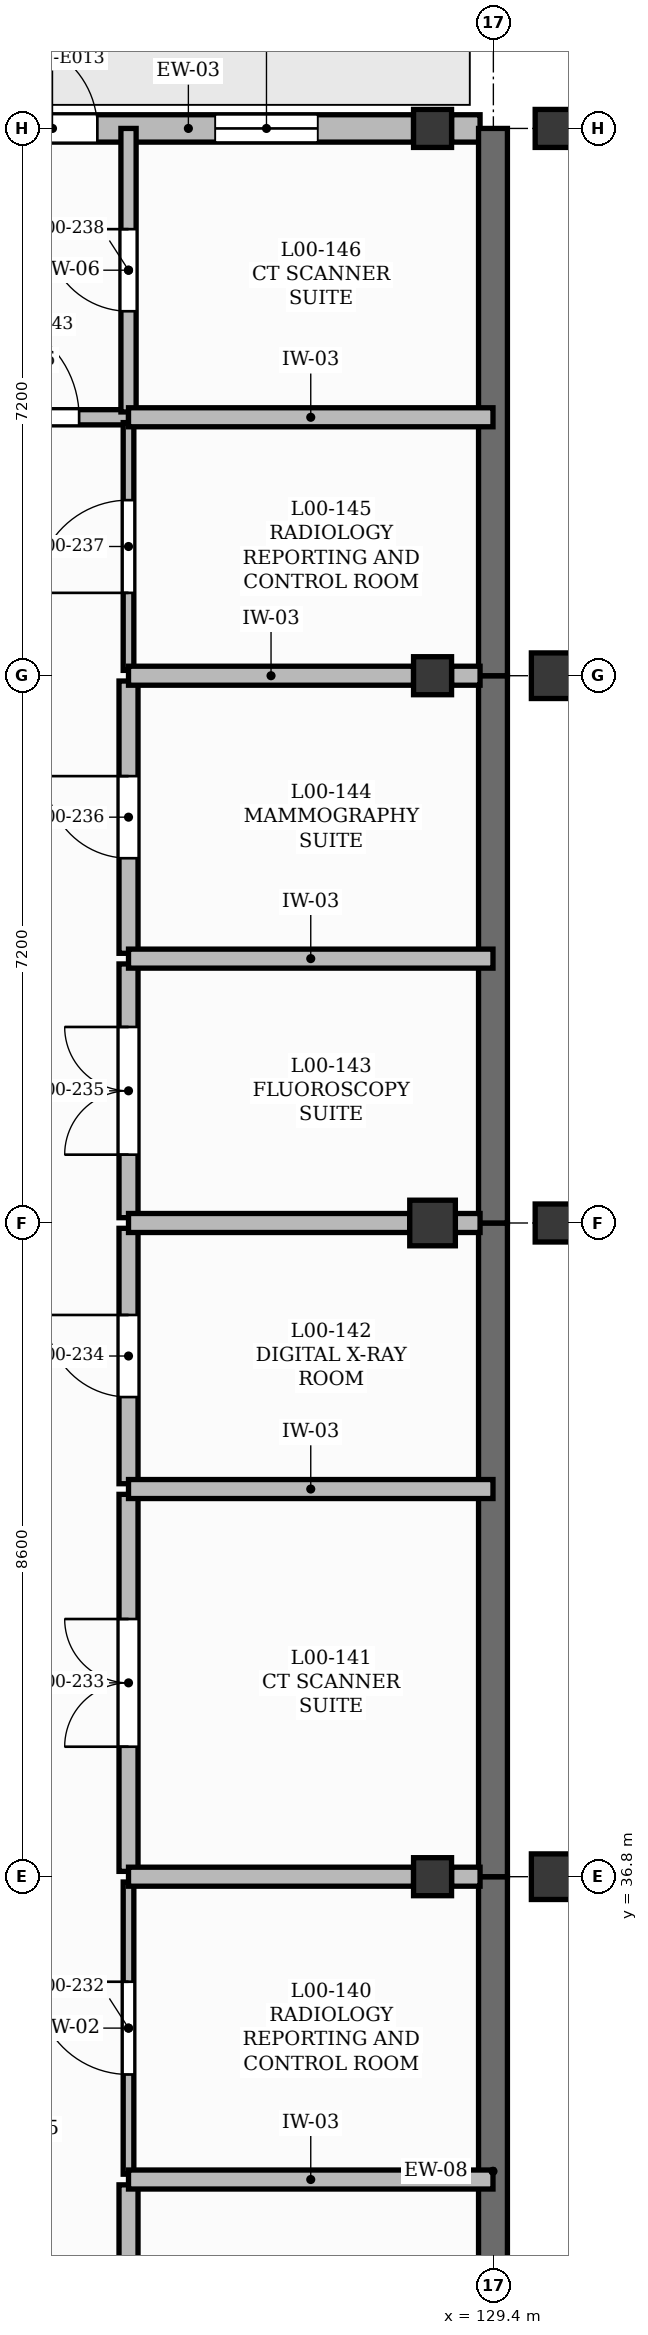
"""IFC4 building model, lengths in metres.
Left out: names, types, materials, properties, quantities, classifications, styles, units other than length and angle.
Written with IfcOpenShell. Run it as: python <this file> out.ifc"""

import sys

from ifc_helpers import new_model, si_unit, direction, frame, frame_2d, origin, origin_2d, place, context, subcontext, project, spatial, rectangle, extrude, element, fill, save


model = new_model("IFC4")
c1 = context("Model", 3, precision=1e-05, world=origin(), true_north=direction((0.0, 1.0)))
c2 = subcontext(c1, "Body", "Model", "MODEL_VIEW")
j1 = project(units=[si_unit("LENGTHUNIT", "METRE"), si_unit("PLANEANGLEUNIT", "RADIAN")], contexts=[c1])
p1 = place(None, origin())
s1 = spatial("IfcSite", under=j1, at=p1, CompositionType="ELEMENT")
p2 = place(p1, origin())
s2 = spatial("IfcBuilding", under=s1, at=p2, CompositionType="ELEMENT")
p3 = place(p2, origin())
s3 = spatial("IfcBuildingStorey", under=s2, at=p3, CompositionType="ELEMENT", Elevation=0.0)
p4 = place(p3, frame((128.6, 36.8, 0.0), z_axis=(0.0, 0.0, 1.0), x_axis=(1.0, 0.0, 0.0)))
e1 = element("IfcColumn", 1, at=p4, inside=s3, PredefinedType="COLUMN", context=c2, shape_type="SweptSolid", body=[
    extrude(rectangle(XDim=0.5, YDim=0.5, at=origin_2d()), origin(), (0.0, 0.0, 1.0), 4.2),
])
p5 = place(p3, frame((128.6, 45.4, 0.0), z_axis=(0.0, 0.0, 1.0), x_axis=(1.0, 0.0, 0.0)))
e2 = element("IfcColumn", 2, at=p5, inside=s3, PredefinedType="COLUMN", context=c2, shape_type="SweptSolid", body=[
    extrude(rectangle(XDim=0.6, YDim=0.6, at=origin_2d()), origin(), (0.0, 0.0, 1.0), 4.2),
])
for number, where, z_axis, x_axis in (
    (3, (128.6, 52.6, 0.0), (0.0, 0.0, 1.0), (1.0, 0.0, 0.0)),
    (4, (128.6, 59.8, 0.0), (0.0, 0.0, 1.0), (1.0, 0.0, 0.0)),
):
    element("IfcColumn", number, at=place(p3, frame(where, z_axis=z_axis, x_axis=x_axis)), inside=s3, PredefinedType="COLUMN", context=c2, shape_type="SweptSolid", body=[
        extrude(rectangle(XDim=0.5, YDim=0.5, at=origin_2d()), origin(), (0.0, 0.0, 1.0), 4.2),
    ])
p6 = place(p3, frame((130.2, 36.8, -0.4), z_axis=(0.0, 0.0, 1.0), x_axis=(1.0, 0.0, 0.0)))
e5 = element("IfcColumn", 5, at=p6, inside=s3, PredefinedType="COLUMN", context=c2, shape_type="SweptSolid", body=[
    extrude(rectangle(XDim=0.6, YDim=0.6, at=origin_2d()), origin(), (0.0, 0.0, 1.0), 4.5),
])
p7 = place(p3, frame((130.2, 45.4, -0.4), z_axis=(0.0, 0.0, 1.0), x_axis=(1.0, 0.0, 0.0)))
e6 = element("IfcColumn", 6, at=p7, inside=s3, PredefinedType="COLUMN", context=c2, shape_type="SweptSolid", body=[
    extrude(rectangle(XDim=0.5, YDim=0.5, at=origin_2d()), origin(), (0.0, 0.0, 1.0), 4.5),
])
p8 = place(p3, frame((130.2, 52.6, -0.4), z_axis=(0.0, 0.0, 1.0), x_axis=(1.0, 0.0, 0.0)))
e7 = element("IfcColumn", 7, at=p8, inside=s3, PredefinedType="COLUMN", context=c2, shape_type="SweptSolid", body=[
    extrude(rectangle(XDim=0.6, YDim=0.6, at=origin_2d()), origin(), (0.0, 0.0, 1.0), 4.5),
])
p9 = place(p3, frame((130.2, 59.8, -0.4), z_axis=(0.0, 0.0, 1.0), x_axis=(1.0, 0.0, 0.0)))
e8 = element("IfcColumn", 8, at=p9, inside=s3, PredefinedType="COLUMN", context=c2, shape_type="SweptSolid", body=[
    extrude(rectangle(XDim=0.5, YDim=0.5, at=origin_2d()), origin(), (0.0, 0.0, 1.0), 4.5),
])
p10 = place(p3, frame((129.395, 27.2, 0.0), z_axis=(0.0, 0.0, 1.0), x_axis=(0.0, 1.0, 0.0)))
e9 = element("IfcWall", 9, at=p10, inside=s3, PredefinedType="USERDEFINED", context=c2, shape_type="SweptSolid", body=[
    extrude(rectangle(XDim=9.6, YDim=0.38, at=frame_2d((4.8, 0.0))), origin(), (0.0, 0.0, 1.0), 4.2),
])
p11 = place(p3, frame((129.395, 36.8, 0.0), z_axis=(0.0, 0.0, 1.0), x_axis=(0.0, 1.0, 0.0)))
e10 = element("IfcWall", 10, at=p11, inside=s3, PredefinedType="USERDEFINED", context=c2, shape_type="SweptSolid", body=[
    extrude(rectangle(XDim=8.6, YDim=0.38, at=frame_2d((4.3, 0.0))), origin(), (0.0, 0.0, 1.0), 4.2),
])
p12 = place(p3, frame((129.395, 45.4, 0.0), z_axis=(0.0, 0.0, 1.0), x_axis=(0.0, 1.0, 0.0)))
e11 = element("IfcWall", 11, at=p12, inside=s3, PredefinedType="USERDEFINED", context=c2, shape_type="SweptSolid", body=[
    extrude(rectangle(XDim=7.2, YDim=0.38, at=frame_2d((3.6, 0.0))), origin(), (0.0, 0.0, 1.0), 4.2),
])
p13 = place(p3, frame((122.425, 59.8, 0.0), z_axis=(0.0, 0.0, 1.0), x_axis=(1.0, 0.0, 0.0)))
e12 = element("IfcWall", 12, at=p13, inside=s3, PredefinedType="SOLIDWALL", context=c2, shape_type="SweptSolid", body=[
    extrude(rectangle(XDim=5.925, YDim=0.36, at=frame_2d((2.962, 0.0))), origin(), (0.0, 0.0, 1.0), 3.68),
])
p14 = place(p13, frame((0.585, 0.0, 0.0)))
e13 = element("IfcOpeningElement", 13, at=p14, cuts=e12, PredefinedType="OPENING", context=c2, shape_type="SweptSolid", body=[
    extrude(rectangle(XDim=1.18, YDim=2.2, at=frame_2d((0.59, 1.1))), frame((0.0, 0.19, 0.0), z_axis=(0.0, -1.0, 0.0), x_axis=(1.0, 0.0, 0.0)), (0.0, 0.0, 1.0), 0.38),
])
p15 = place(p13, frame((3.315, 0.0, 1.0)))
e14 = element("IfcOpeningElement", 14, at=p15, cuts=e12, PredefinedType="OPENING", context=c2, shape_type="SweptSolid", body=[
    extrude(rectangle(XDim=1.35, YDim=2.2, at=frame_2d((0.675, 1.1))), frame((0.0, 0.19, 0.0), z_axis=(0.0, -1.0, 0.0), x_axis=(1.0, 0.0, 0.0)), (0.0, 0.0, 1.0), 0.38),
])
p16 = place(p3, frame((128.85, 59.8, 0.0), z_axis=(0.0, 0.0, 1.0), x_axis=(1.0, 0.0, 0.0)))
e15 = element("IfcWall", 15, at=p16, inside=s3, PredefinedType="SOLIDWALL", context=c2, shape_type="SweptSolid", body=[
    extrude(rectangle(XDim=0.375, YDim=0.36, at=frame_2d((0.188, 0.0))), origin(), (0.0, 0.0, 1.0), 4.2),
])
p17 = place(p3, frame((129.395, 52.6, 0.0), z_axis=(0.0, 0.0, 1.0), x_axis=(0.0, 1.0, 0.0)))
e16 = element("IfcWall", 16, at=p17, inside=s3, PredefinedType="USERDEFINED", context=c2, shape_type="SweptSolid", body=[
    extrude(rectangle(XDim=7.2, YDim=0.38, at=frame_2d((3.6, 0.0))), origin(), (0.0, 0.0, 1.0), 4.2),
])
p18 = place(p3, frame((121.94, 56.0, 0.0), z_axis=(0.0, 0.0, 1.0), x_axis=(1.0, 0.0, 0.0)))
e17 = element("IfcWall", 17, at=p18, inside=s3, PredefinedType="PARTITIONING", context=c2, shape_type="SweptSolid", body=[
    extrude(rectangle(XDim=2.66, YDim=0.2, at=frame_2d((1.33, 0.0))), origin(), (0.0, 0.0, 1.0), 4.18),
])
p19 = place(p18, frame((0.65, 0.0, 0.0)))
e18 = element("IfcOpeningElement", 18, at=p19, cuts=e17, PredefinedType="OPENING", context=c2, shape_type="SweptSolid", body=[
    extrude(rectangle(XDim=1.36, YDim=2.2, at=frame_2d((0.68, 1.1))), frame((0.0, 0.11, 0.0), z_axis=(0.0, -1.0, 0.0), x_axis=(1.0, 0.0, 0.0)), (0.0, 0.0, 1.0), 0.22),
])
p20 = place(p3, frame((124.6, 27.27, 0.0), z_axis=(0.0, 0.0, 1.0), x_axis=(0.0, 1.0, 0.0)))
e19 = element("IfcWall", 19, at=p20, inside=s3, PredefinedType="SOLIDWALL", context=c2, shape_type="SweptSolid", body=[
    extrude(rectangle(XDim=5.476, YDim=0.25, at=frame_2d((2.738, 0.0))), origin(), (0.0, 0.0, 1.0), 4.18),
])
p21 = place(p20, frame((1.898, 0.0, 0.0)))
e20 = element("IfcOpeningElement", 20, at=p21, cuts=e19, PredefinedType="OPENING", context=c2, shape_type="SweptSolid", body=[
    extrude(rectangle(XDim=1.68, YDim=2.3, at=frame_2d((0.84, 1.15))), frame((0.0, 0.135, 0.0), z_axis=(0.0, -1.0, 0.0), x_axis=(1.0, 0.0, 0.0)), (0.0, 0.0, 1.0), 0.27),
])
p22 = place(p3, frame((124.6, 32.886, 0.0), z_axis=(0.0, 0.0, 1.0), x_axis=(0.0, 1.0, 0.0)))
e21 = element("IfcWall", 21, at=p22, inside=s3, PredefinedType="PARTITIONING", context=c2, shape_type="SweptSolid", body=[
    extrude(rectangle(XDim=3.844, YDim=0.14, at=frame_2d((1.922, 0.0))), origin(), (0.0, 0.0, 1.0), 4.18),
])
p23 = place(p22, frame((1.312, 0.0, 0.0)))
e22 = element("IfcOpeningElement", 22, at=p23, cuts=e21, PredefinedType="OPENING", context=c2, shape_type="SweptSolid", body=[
--------
- [ASSIGNMENT]:
An exact, complete copy of the lines above from the one with "for number, where, z_axis, x_axis" through the one with "36.8, -0.4), z_axis=(0.0, 0.0, 1.0), x_axis=(1.0, 0.0, 0.0)))" is the whole answer.

- [REPLY]:
for number, where, z_axis, x_axis in (
    (3, (128.6, 52.6, 0.0), (0.0, 0.0, 1.0), (1.0, 0.0, 0.0)),
    (4, (128.6, 59.8, 0.0), (0.0, 0.0, 1.0), (1.0, 0.0, 0.0)),
):
    element("IfcColumn", number, at=place(p3, frame(where, z_axis=z_axis, x_axis=x_axis)), inside=s3, PredefinedType="COLUMN", context=c2, shape_type="SweptSolid", body=[
        extrude(rectangle(XDim=0.5, YDim=0.5, at=origin_2d()), origin(), (0.0, 0.0, 1.0), 4.2),
    ])
p6 = place(p3, frame((130.2, 36.8, -0.4), z_axis=(0.0, 0.0, 1.0), x_axis=(1.0, 0.0, 0.0)))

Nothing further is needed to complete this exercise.